---- The data

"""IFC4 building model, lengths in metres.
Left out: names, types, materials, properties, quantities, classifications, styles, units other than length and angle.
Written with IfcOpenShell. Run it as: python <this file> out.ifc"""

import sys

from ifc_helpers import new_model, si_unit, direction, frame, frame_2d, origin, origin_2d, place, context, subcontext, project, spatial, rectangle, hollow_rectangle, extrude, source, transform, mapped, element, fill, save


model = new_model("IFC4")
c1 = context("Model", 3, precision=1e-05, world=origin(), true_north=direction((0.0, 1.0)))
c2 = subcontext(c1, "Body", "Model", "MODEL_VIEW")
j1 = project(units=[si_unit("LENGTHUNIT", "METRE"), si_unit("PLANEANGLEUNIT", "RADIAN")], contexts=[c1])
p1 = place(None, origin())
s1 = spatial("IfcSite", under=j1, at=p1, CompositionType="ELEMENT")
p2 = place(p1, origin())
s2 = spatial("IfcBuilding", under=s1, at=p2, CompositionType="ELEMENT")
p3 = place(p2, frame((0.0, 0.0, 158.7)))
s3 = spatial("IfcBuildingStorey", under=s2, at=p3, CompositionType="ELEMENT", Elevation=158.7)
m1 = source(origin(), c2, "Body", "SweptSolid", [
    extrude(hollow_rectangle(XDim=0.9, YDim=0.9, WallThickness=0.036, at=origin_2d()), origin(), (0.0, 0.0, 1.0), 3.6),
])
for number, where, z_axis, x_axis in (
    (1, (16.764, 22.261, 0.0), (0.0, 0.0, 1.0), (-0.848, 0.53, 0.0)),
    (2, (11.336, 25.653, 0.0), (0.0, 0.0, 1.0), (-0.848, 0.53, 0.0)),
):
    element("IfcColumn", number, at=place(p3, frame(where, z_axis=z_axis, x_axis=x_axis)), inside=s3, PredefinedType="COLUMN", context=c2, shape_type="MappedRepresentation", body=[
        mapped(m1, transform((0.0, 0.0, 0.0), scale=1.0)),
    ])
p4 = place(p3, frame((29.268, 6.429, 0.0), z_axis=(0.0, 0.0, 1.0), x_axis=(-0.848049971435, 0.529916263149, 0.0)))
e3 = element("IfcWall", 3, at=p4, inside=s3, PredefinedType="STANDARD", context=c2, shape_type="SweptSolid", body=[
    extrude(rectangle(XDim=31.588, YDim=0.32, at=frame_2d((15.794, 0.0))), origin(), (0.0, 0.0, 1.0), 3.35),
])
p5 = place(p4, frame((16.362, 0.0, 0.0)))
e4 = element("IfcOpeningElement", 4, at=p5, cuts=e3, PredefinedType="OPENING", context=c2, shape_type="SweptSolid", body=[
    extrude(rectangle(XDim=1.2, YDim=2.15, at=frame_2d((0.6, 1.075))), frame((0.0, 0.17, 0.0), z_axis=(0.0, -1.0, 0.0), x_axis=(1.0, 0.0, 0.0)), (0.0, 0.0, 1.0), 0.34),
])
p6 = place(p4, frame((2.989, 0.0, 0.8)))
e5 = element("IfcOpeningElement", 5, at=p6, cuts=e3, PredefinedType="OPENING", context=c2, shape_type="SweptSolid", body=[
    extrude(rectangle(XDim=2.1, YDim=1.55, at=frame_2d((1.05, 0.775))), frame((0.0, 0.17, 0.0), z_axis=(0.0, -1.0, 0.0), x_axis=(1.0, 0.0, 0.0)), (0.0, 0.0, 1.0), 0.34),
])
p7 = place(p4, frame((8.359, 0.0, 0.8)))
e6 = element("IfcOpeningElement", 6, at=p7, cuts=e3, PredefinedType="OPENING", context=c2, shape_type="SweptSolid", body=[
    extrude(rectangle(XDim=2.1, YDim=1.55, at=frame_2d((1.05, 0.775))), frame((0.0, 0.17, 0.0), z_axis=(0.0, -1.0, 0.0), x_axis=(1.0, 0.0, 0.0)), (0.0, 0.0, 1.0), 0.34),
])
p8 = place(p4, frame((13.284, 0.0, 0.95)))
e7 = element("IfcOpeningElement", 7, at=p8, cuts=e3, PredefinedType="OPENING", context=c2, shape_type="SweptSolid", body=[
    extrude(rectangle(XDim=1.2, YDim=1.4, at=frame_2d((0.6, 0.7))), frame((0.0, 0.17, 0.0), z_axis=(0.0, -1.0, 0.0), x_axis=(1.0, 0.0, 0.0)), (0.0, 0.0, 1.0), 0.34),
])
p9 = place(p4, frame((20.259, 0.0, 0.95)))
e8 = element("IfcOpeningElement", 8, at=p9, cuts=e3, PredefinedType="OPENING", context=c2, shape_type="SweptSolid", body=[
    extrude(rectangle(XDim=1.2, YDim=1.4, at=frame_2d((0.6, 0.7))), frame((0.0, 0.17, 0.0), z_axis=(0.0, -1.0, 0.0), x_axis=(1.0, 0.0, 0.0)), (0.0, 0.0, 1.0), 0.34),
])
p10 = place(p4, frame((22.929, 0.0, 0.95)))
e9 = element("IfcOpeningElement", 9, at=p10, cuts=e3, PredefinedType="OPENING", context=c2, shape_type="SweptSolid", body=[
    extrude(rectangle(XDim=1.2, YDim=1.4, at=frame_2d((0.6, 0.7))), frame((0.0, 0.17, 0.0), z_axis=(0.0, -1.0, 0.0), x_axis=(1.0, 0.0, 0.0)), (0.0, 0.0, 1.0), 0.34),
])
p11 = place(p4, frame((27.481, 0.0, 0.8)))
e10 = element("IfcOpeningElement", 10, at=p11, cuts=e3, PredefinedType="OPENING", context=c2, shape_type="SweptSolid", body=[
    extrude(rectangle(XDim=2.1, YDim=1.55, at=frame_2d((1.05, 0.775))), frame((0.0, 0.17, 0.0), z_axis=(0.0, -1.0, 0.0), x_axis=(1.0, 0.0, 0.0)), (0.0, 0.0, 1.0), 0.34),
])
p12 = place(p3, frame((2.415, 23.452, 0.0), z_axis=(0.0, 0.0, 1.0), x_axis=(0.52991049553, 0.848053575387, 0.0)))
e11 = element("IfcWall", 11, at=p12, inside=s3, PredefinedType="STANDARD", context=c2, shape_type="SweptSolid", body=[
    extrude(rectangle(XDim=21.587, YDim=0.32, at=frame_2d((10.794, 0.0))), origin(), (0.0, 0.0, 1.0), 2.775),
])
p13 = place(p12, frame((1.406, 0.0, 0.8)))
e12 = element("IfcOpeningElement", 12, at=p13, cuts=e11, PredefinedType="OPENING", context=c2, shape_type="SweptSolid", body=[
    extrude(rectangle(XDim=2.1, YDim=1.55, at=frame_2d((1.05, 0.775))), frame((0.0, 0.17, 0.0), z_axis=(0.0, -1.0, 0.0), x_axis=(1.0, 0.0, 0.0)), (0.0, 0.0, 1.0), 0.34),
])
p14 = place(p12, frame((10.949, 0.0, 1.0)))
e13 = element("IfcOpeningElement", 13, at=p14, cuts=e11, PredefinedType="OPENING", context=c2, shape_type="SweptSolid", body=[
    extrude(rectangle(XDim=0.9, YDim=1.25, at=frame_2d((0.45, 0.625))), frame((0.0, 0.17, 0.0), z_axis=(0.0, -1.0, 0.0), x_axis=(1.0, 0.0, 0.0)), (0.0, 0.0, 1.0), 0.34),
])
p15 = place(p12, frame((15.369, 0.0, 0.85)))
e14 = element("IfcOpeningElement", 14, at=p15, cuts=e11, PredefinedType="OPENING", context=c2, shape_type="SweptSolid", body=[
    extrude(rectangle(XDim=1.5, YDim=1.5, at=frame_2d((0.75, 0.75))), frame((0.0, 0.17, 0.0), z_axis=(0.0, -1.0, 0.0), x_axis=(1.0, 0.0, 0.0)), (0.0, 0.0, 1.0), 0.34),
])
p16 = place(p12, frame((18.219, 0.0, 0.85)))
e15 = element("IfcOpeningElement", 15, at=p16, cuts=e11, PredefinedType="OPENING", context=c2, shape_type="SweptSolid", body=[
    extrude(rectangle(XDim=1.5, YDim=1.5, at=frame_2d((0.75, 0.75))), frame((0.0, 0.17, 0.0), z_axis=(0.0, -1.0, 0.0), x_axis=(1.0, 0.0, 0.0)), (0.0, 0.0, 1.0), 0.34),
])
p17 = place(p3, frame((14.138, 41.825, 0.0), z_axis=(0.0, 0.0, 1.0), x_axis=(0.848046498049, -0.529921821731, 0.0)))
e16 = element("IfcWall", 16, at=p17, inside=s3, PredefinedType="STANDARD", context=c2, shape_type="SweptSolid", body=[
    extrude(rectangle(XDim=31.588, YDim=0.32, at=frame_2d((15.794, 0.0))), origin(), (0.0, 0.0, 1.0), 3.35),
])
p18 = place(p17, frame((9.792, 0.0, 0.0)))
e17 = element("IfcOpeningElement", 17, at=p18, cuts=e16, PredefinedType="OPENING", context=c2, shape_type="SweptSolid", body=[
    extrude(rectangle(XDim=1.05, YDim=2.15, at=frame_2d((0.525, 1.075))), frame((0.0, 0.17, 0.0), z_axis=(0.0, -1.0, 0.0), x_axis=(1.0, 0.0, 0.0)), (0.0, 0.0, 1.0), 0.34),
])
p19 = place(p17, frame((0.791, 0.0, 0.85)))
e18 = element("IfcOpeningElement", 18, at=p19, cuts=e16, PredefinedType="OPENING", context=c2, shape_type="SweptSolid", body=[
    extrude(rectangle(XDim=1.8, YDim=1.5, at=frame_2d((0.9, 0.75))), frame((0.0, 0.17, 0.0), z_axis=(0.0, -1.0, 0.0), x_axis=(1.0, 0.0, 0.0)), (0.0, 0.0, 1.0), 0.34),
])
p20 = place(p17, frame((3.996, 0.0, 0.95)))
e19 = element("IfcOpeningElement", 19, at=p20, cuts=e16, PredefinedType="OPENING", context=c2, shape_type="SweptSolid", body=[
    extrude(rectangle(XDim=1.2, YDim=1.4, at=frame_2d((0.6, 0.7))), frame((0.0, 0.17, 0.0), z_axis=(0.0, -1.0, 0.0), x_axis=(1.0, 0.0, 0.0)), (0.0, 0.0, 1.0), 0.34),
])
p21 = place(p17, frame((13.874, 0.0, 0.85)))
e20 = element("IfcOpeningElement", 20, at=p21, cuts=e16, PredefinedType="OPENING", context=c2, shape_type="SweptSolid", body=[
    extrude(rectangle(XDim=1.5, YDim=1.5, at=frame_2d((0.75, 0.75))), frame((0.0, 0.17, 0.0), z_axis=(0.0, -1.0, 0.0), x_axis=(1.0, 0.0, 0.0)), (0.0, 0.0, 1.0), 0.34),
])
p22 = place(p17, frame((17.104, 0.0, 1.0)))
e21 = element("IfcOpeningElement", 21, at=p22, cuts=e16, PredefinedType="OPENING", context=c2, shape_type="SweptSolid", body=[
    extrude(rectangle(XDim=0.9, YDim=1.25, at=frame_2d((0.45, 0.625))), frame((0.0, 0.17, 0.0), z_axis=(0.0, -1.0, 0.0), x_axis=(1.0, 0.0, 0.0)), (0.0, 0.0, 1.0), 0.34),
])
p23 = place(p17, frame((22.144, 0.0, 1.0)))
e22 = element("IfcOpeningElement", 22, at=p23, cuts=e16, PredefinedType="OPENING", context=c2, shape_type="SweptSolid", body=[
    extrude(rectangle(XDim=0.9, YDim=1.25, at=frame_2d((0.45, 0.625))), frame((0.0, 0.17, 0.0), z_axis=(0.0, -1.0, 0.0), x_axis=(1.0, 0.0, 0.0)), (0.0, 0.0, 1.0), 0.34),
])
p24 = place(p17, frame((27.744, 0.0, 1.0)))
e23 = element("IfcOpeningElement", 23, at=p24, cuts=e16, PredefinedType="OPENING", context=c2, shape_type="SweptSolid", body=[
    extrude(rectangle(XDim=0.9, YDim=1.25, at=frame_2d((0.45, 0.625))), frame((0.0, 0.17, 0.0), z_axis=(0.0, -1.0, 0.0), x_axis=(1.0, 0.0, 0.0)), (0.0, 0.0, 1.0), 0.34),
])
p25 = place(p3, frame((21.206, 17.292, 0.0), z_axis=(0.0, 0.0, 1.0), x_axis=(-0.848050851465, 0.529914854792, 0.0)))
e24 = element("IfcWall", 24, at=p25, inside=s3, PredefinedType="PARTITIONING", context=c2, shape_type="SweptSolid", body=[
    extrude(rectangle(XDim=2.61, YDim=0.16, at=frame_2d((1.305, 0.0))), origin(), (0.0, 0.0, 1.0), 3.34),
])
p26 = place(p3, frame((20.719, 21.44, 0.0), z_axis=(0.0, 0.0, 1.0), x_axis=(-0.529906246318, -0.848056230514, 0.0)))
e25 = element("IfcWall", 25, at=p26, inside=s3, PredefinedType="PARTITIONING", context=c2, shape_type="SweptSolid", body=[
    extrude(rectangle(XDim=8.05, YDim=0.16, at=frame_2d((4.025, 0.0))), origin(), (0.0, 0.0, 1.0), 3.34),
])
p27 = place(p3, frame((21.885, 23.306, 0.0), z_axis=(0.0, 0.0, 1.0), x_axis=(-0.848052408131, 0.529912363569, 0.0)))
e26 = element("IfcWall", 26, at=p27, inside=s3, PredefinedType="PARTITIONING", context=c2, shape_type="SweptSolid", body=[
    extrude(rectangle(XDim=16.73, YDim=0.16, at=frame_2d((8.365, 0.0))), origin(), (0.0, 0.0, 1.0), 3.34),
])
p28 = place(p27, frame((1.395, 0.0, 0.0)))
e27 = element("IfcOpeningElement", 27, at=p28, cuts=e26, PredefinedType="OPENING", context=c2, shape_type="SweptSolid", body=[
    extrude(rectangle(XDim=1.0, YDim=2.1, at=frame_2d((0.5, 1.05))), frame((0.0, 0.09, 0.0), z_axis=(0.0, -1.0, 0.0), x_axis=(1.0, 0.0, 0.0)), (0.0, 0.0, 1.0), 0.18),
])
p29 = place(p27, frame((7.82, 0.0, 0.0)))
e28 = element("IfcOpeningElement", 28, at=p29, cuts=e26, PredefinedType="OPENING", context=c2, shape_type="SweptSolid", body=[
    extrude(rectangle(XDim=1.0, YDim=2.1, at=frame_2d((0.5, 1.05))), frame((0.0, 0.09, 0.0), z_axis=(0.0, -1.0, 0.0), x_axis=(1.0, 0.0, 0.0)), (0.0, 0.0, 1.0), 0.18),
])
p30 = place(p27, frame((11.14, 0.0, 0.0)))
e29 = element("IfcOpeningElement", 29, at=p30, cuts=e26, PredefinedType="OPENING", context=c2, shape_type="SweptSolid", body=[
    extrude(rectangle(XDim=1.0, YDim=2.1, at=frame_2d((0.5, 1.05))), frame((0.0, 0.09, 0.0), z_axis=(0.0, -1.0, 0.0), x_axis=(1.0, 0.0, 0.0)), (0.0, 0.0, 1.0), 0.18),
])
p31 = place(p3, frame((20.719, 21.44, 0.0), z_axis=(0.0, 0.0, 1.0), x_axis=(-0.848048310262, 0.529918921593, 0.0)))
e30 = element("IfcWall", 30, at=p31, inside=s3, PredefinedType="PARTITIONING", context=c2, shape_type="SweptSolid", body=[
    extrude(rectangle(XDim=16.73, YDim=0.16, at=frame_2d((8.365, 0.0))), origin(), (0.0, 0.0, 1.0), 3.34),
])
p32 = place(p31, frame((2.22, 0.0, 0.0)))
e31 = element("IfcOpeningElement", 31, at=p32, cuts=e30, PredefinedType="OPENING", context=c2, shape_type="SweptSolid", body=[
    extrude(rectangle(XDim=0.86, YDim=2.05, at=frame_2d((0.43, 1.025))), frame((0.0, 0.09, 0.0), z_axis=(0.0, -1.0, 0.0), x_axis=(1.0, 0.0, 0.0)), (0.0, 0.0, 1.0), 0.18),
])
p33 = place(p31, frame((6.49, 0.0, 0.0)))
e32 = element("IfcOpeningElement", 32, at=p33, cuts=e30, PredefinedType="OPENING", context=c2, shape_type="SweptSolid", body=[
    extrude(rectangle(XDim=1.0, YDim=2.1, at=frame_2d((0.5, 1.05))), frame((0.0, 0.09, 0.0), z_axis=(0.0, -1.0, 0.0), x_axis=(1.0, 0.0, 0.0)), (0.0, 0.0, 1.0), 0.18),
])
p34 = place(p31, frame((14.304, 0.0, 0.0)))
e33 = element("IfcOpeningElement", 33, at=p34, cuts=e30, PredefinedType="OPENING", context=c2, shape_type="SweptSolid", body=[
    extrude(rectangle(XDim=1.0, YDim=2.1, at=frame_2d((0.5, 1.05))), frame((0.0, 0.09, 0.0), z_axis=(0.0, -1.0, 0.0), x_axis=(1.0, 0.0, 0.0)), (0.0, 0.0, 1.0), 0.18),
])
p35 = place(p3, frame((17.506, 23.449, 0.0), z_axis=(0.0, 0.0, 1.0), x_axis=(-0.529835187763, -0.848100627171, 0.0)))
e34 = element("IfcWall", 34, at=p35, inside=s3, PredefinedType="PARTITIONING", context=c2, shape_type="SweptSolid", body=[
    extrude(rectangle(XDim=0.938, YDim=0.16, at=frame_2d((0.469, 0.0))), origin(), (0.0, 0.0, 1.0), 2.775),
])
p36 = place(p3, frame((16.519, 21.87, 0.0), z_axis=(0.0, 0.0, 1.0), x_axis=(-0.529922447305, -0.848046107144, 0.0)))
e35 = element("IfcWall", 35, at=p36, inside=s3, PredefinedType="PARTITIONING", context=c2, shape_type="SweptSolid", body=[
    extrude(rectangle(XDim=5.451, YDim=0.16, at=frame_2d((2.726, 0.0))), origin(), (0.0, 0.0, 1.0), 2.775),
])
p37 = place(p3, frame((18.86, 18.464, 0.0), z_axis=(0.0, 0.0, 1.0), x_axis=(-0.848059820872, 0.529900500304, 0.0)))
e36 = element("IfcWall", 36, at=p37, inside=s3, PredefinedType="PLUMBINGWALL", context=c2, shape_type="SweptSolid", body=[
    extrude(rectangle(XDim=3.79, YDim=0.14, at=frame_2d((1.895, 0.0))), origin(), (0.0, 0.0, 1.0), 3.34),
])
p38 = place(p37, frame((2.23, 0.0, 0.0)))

--------

▸ Task prompt
Find the lines that mention "units" in the entries and show them.

▸ Written reply
Left out: names, types, materials, properties, quantities, classifications, styles, units other than length and angle.
j1 = project(units=[si_unit("LENGTHUNIT", "METRE"), si_unit("PLANEANGLEUNIT", "RADIAN")], contexts=[c1])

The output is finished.